==== Task data ====

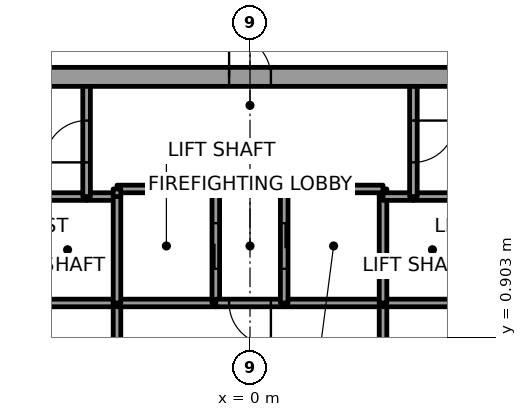
"""IFC4 building model, lengths in metres.
Left out: names, types, materials, properties, quantities, classifications, styles, units other than length and angle.
Written with IfcOpenShell. Run it as: python <this file> out.ifc"""

import sys

from ifc_helpers import new_model, si_unit, direction, frame, frame_2d, origin, place, context, subcontext, project, spatial, rectangle, extrude, element, fill, save


model = new_model("IFC4")
c1 = context("Model", 3, precision=1e-05, world=origin(), true_north=direction((0.0, 1.0)))
c2 = subcontext(c1, "Body", "Model", "MODEL_VIEW")
j1 = project(units=[si_unit("LENGTHUNIT", "METRE"), si_unit("PLANEANGLEUNIT", "RADIAN")], contexts=[c1])
p1 = place(None, origin())
s1 = spatial("IfcSite", under=j1, at=p1, CompositionType="ELEMENT")
p2 = place(p1, origin())
s2 = spatial("IfcBuilding", under=s1, at=p2, CompositionType="ELEMENT")
p3 = place(p2, frame((0.0, 0.0, 137.8)))
s3 = spatial("IfcBuildingStorey", under=s2, at=p3, CompositionType="ELEMENT", Elevation=137.8)
p4 = place(p3, frame((-11.0, 7.75, 0.0), z_axis=(0.0, 0.0, 1.0), x_axis=(1.0, 0.0, 0.0)))
e1 = element("IfcWall", 1, at=p4, inside=s3, PredefinedType="SHEAR", context=c2, shape_type="SweptSolid", body=[
    extrude(rectangle(XDim=22.0, YDim=0.5, at=frame_2d((11.0, 0.0))), origin(), (0.0, 0.0, 1.0), 4.0),
])
p5 = place(p4, frame((10.45, 0.0, 0.0)))
e2 = element("IfcOpeningElement", 2, at=p5, cuts=e1, PredefinedType="OPENING", context=c2, shape_type="SweptSolid", body=[
    extrude(rectangle(XDim=1.1, YDim=2.1, at=frame_2d((0.55, 1.05))), frame((0.0, 0.25, 0.0), z_axis=(0.0, -1.0, 0.0), x_axis=(1.0, 0.0, 0.0)), (0.0, 0.0, 1.0), 0.5),
])
p6 = place(p3, frame((-3.5, 1.8, 0.0), z_axis=(0.0, 0.0, 1.0), x_axis=(-1.0, 0.0, 0.0)))
e3 = element("IfcWall", 3, at=p6, inside=s3, PredefinedType="SOLIDWALL", context=c2, shape_type="SweptSolid", body=[
    extrude(rectangle(XDim=2.6, YDim=0.2, at=frame_2d((1.3, 0.0))), origin(), (0.0, 0.0, 1.0), 3.85),
])
p7 = place(p3, frame((-4.3, 4.6, 0.0), z_axis=(0.0, 0.0, 1.0), x_axis=(-1.0, 0.0, 0.0)))
e4 = element("IfcWall", 4, at=p7, inside=s3, PredefinedType="SOLIDWALL", context=c2, shape_type="SweptSolid", body=[
    extrude(rectangle(XDim=1.8, YDim=0.2, at=frame_2d((0.9, 0.0))), origin(), (0.0, 0.0, 1.0), 3.85),
])
p8 = place(p3, frame((-3.5, 4.6, 0.0), z_axis=(0.0, 0.0, 1.0), x_axis=(-1.0, 0.0, 0.0)))
e5 = element("IfcWall", 5, at=p8, inside=s3, PredefinedType="SOLIDWALL", context=c2, shape_type="SweptSolid", body=[
    extrude(rectangle(XDim=0.8, YDim=0.2, at=frame_2d((0.4, 0.0))), origin(), (0.0, 0.0, 1.0), 3.85),
])
p9 = place(p3, frame((-4.3, 4.6, 0.0), z_axis=(0.0, 0.0, 1.0), x_axis=(0.0, 1.0, 0.0)))
e6 = element("IfcWall", 6, at=p9, inside=s3, PredefinedType="SOLIDWALL", context=c2, shape_type="SweptSolid", body=[
    extrude(rectangle(XDim=2.9, YDim=0.2, at=frame_2d((1.45, 0.0))), origin(), (0.0, 0.0, 1.0), 3.85),
])
p10 = place(p9, frame((0.9, 0.0, 0.0)))
e7 = element("IfcOpeningElement", 7, at=p10, cuts=e6, PredefinedType="OPENING", context=c2, shape_type="SweptSolid", body=[
    extrude(rectangle(XDim=1.1, YDim=2.1, at=frame_2d((0.55, 1.05))), frame((0.0, 0.1, 0.0), z_axis=(0.0, -1.0, 0.0), x_axis=(1.0, 0.0, 0.0)), (0.0, 0.0, 1.0), 0.2),
])
p11 = place(p3, frame((-3.5, 1.8, 0.0), z_axis=(0.0, 0.0, 1.0), x_axis=(0.0, -1.0, 0.0)))
e8 = element("IfcWall", 8, at=p11, inside=s3, PredefinedType="SOLIDWALL", context=c2, shape_type="SweptSolid", body=[
    extrude(rectangle(XDim=3.6, YDim=0.2, at=frame_2d((1.8, 0.0))), origin(), (0.0, 0.0, 1.0), 3.85),
])
p12 = place(p11, frame((1.05, 0.0, 0.0)))
e9 = element("IfcOpeningElement", 9, at=p12, cuts=e8, PredefinedType="OPENING", context=c2, shape_type="SweptSolid", body=[
    extrude(rectangle(XDim=1.5, YDim=2.1, at=frame_2d((0.75, 1.05))), frame((0.0, 0.1, 0.0), z_axis=(0.0, -1.0, 0.0), x_axis=(1.0, 0.0, 0.0)), (0.0, 0.0, 1.0), 0.2),
])
p13 = place(p3, frame((-0.9, 1.8, 0.0), z_axis=(0.0, 0.0, 1.0), x_axis=(-1.0, 0.0, 0.0)))
e10 = element("IfcWall", 10, at=p13, inside=s3, PredefinedType="SOLIDWALL", context=c2, shape_type="SweptSolid", body=[
    extrude(rectangle(XDim=2.6, YDim=0.2, at=frame_2d((1.3, 0.0))), origin(), (0.0, 0.0, 1.0), 3.85),
])
p14 = place(p3, frame((-3.5, 4.6, 0.0), z_axis=(0.0, 0.0, 1.0), x_axis=(0.0, -1.0, 0.0)))
e11 = element("IfcWall", 11, at=p14, inside=s3, PredefinedType="SOLIDWALL", context=c2, shape_type="SweptSolid", body=[
    extrude(rectangle(XDim=2.8, YDim=0.2, at=frame_2d((1.4, 0.0))), origin(), (0.0, 0.0, 1.0), 3.85),
])
p15 = place(p3, frame((-0.9, 1.8, 0.0), z_axis=(0.0, 0.0, 1.0), x_axis=(0.0, 1.0, 0.0)))
e12 = element("IfcWall", 12, at=p15, inside=s3, PredefinedType="SOLIDWALL", context=c2, shape_type="SweptSolid", body=[
    extrude(rectangle(XDim=3.0, YDim=0.2, at=frame_2d((1.5, 0.0))), origin(), (0.0, 0.0, 1.0), 3.85),
])
p16 = place(p15, frame((0.9, 0.0, 0.0)))
e13 = element("IfcOpeningElement", 13, at=p16, cuts=e12, PredefinedType="OPENING", context=c2, shape_type="SweptSolid", body=[
    extrude(rectangle(XDim=1.2, YDim=2.1, at=frame_2d((0.6, 1.05))), frame((0.0, 0.1, 0.0), z_axis=(0.0, -1.0, 0.0), x_axis=(1.0, 0.0, 0.0)), (0.0, 0.0, 1.0), 0.2),
])
p17 = place(p3, frame((-0.9, 4.8, 0.0), z_axis=(0.0, 0.0, 1.0), x_axis=(-1.0, 0.0, 0.0)))
e14 = element("IfcWall", 14, at=p17, inside=s3, PredefinedType="SOLIDWALL", context=c2, shape_type="SweptSolid", body=[
    extrude(rectangle(XDim=2.6, YDim=0.2, at=frame_2d((1.3, 0.0))), origin(), (0.0, 0.0, 1.0), 3.85),
])
p18 = place(p3, frame((-3.5, 4.8, 0.0), z_axis=(0.0, 0.0, 1.0), x_axis=(0.0, -1.0, 0.0)))
e15 = element("IfcWall", 15, at=p18, inside=s3, PredefinedType="SOLIDWALL", context=c2, shape_type="SweptSolid", body=[
    extrude(rectangle(XDim=0.2, YDim=0.2, at=frame_2d((0.1, 0.0))), origin(), (0.0, 0.0, 1.0), 3.85),
])
p19 = place(p3, frame((0.9, 1.8, 0.0), z_axis=(0.0, 0.0, 1.0), x_axis=(-1.0, 0.0, 0.0)))
e16 = element("IfcWall", 16, at=p19, inside=s3, PredefinedType="SOLIDWALL", context=c2, shape_type="SweptSolid", body=[
    extrude(rectangle(XDim=1.8, YDim=0.2, at=frame_2d((0.9, 0.0))), origin(), (0.0, 0.0, 1.0), 3.85),
])
p20 = place(p19, frame((0.35, 0.0, 0.0)))
e17 = element("IfcOpeningElement", 17, at=p20, cuts=e16, PredefinedType="OPENING", context=c2, shape_type="SweptSolid", body=[
    extrude(rectangle(XDim=1.1, YDim=2.1, at=frame_2d((0.55, 1.05))), frame((0.0, 0.1, 0.0), z_axis=(0.0, -1.0, 0.0), x_axis=(1.0, 0.0, 0.0)), (0.0, 0.0, 1.0), 0.2),
])
p21 = place(p3, frame((3.5, 1.8, 0.0), z_axis=(0.0, 0.0, 1.0), x_axis=(-1.0, 0.0, 0.0)))
e18 = element("IfcWall", 18, at=p21, inside=s3, PredefinedType="SOLIDWALL", context=c2, shape_type="SweptSolid", body=[
    extrude(rectangle(XDim=2.6, YDim=0.2, at=frame_2d((1.3, 0.0))), origin(), (0.0, 0.0, 1.0), 3.85),
])
p22 = place(p3, frame((3.5, 4.6, 0.0), z_axis=(0.0, 0.0, 1.0), x_axis=(0.0, 1.0, 0.0)))
e19 = element("IfcWall", 19, at=p22, inside=s3, PredefinedType="SOLIDWALL", context=c2, shape_type="SweptSolid", body=[
    extrude(rectangle(XDim=0.2, YDim=0.2, at=frame_2d((0.1, 0.0))), origin(), (0.0, 0.0, 1.0), 3.85),
])
p23 = place(p3, frame((3.5, 4.8, 0.0), z_axis=(0.0, 0.0, 1.0), x_axis=(-1.0, 0.0, 0.0)))
e20 = element("IfcWall", 20, at=p23, inside=s3, PredefinedType="SOLIDWALL", context=c2, shape_type="SweptSolid", body=[
    extrude(rectangle(XDim=2.6, YDim=0.2, at=frame_2d((1.3, 0.0))), origin(), (0.0, 0.0, 1.0), 3.85),
])
p24 = place(p3, frame((0.9, 4.8, 0.0), z_axis=(0.0, 0.0, 1.0), x_axis=(0.0, -1.0, 0.0)))
e21 = element("IfcWall", 21, at=p24, inside=s3, PredefinedType="SOLIDWALL", context=c2, shape_type="SweptSolid", body=[
    extrude(rectangle(XDim=3.0, YDim=0.2, at=frame_2d((1.5, 0.0))), origin(), (0.0, 0.0, 1.0), 3.85),
])
p25 = place(p24, frame((0.9, 0.0, 0.0)))
e22 = element("IfcOpeningElement", 22, at=p25, cuts=e21, PredefinedType="OPENING", context=c2, shape_type="SweptSolid", body=[
    extrude(rectangle(XDim=1.2, YDim=2.1, at=frame_2d((0.6, 1.05))), frame((0.0, 0.1, 0.0), z_axis=(0.0, -1.0, 0.0), x_axis=(1.0, 0.0, 0.0)), (0.0, 0.0, 1.0), 0.2),
])
p26 = place(p3, frame((3.5, -1.8, 0.0), z_axis=(0.0, 0.0, 1.0), x_axis=(0.0, 1.0, 0.0)))
e23 = element("IfcWall", 23, at=p26, inside=s3, PredefinedType="SOLIDWALL", context=c2, shape_type="SweptSolid", body=[
    extrude(rectangle(XDim=3.6, YDim=0.2, at=frame_2d((1.8, 0.0))), origin(), (0.0, 0.0, 1.0), 3.85),
])
p27 = place(p26, frame((1.05, 0.0, 0.0)))
e24 = element("IfcOpeningElement", 24, at=p27, cuts=e23, PredefinedType="OPENING", context=c2, shape_type="SweptSolid", body=[
    extrude(rectangle(XDim=1.5, YDim=2.1, at=frame_2d((0.75, 1.05))), frame((0.0, 0.1, 0.0), z_axis=(0.0, -1.0, 0.0), x_axis=(1.0, 0.0, 0.0)), (0.0, 0.0, 1.0), 0.2),
])
p28 = place(p3, frame((6.1, 1.8, 0.0), z_axis=(0.0, 0.0, 1.0), x_axis=(-1.0, 0.0, 0.0)))
e25 = element("IfcWall", 25, at=p28, inside=s3, PredefinedType="SOLIDWALL", context=c2, shape_type="SweptSolid", body=[
    extrude(rectangle(XDim=2.6, YDim=0.2, at=frame_2d((1.3, 0.0))), origin(), (0.0, 0.0, 1.0), 3.85),
])
p29 = place(p3, frame((3.5, 1.8, 0.0), z_axis=(0.0, 0.0, 1.0), x_axis=(0.0, 1.0, 0.0)))
e26 = element("IfcWall", 26, at=p29, inside=s3, PredefinedType="SOLIDWALL", context=c2, shape_type="SweptSolid", body=[
    extrude(rectangle(XDim=2.8, YDim=0.2, at=frame_2d((1.4, 0.0))), origin(), (0.0, 0.0, 1.0), 3.85),
])
p30 = place(p3, frame((4.3, 4.6, 0.0), z_axis=(0.0, 0.0, 1.0), x_axis=(-1.0, 0.0, 0.0)))
e27 = element("IfcWall", 27, at=p30, inside=s3, PredefinedType="SOLIDWALL", context=c2, shape_type="SweptSolid", body=[
    extrude(rectangle(XDim=0.8, YDim=0.2, at=frame_2d((0.4, 0.0))), origin(), (0.0, 0.0, 1.0), 3.85),
])
p31 = place(p3, frame((6.1, 4.6, 0.0), z_axis=(0.0, 0.0, 1.0), x_axis=(-1.0, 0.0, 0.0)))
e28 = element("IfcWall", 28, at=p31, inside=s3, PredefinedType="SOLIDWALL", context=c2, shape_type="SweptSolid", body=[
    extrude(rectangle(XDim=1.8, YDim=0.2, at=frame_2d((0.9, 0.0))), origin(), (0.0, 0.0, 1.0), 3.85),
])
p32 = place(p3, frame((4.3, 7.5, 0.0), z_axis=(0.0, 0.0, 1.0), x_axis=(0.0, -1.0, 0.0)))
e29 = element("IfcWall", 29, at=p32, inside=s3, PredefinedType="SOLIDWALL", context=c2, shape_type="SweptSolid", body=[
    extrude(rectangle(XDim=2.9, YDim=0.2, at=frame_2d((1.45, 0.0))), origin(), (0.0, 0.0, 1.0), 3.85),
])
p33 = place(p32, frame((0.9, 0.0, 0.0)))
e30 = element("IfcOpeningElement", 30, at=p33, cuts=e29, PredefinedType="OPENING", context=c2, shape_type="SweptSolid", body=[
    extrude(rectangle(XDim=1.1, YDim=2.1, at=frame_2d((0.55, 1.05))), frame((0.0, 0.1, 0.0), z_axis=(0.0, -1.0, 0.0), x_axis=(1.0, 0.0, 0.0)), (0.0, 0.0, 1.0), 0.2),
])
p34 = place(p16, origin())
e31 = element("IfcDoor", 31, at=p34, inside=s3, OperationType="SLIDING_TO_RIGHT", PredefinedType="DOOR", context=c2, shape_type="SweptSolid", body=[
    extrude(rectangle(XDim=1.2, YDim=2.1, at=frame_2d((0.6, 1.05))), frame((0.0, 0.025, 0.0), z_axis=(0.0, -1.0, 0.0), x_axis=(1.0, 0.0, 0.0)), (0.0, 0.0, 1.0), 0.05),
])
fill(e13, e31)
p35 = place(p25, origin())
e32 = element("IfcDoor", 32, at=p35, inside=s3, OperationType="SLIDING_TO_RIGHT", PredefinedType="DOOR", context=c2, shape_type="SweptSolid", body=[
    extrude(rectangle(XDim=1.2, YDim=2.1, at=frame_2d((0.6, 1.05))), frame((0.0, 0.025, 0.0), z_axis=(0.0, -1.0, 0.0), x_axis=(1.0, 0.0, 0.0)), (0.0, 0.0, 1.0), 0.05),
])
fill(e22, e32)
p36 = place(p20, origin())
e33 = element("IfcDoor", 33, at=p36, inside=s3, OperationType="SINGLE_SWING_LEFT", PredefinedType="DOOR", context=c2, shape_type="SweptSolid", body=[
    extrude(rectangle(XDim=1.1, YDim=2.1, at=frame_2d((0.55, 1.05))), frame((0.0, 0.025, 0.0), z_axis=(0.0, -1.0, 0.0), x_axis=(1.0, 0.0, 0.0)), (0.0, 0.0, 1.0), 0.05),
])
fill(e17, e33)
p37 = place(p10, origin())
e34 = element("IfcDoor", 34, at=p37, inside=s3, OperationType="SINGLE_SWING_LEFT", PredefinedType="DOOR", context=c2, shape_type="SweptSolid", body=[
    extrude(rectangle(XDim=1.1, YDim=2.1, at=frame_2d((0.55, 1.05))), frame((0.0, 0.025, 0.0), z_axis=(0.0, -1.0, 0.0), x_axis=(1.0, 0.0, 0.0)), (0.0, 0.0, 1.0), 0.05),
])
fill(e7, e34)
p38 = place(p33, origin())
e35 = element("IfcDoor", 35, at=p38, inside=s3, OperationType="SINGLE_SWING_RIGHT", PredefinedType="DOOR", context=c2, shape_type="SweptSolid", body=[
    extrude(rectangle(XDim=1.1, YDim=2.1, at=frame_2d((0.55, 1.05))), frame((0.0, 0.025, 0.0), z_axis=(0.0, -1.0, 0.0), x_axis=(1.0, 0.0, 0.0)), (0.0, 0.0, 1.0), 0.05),
])
fill(e30, e35)
p39 = place(p5, origin())
e36 = element("IfcDoor", 36, at=p39, inside=s3, OperationType="SINGLE_SWING_RIGHT", PredefinedType="DOOR", context=c2, shape_type="SweptSolid", body=[
    extrude(rectangle(XDim=1.1, YDim=2.1, at=frame_2d((0.55, 1.05))), frame((0.0, 0.025, 0.0), z_axis=(0.0, -1.0, 0.0), x_axis=(1.0, 0.0, 0.0)), (0.0, 0.0, 1.0), 0.05),
])
fill(e2, e36)
save(model, sys.argv[1])

====

Tell me how many lines of the records include the word "import", replying with the number alone.

2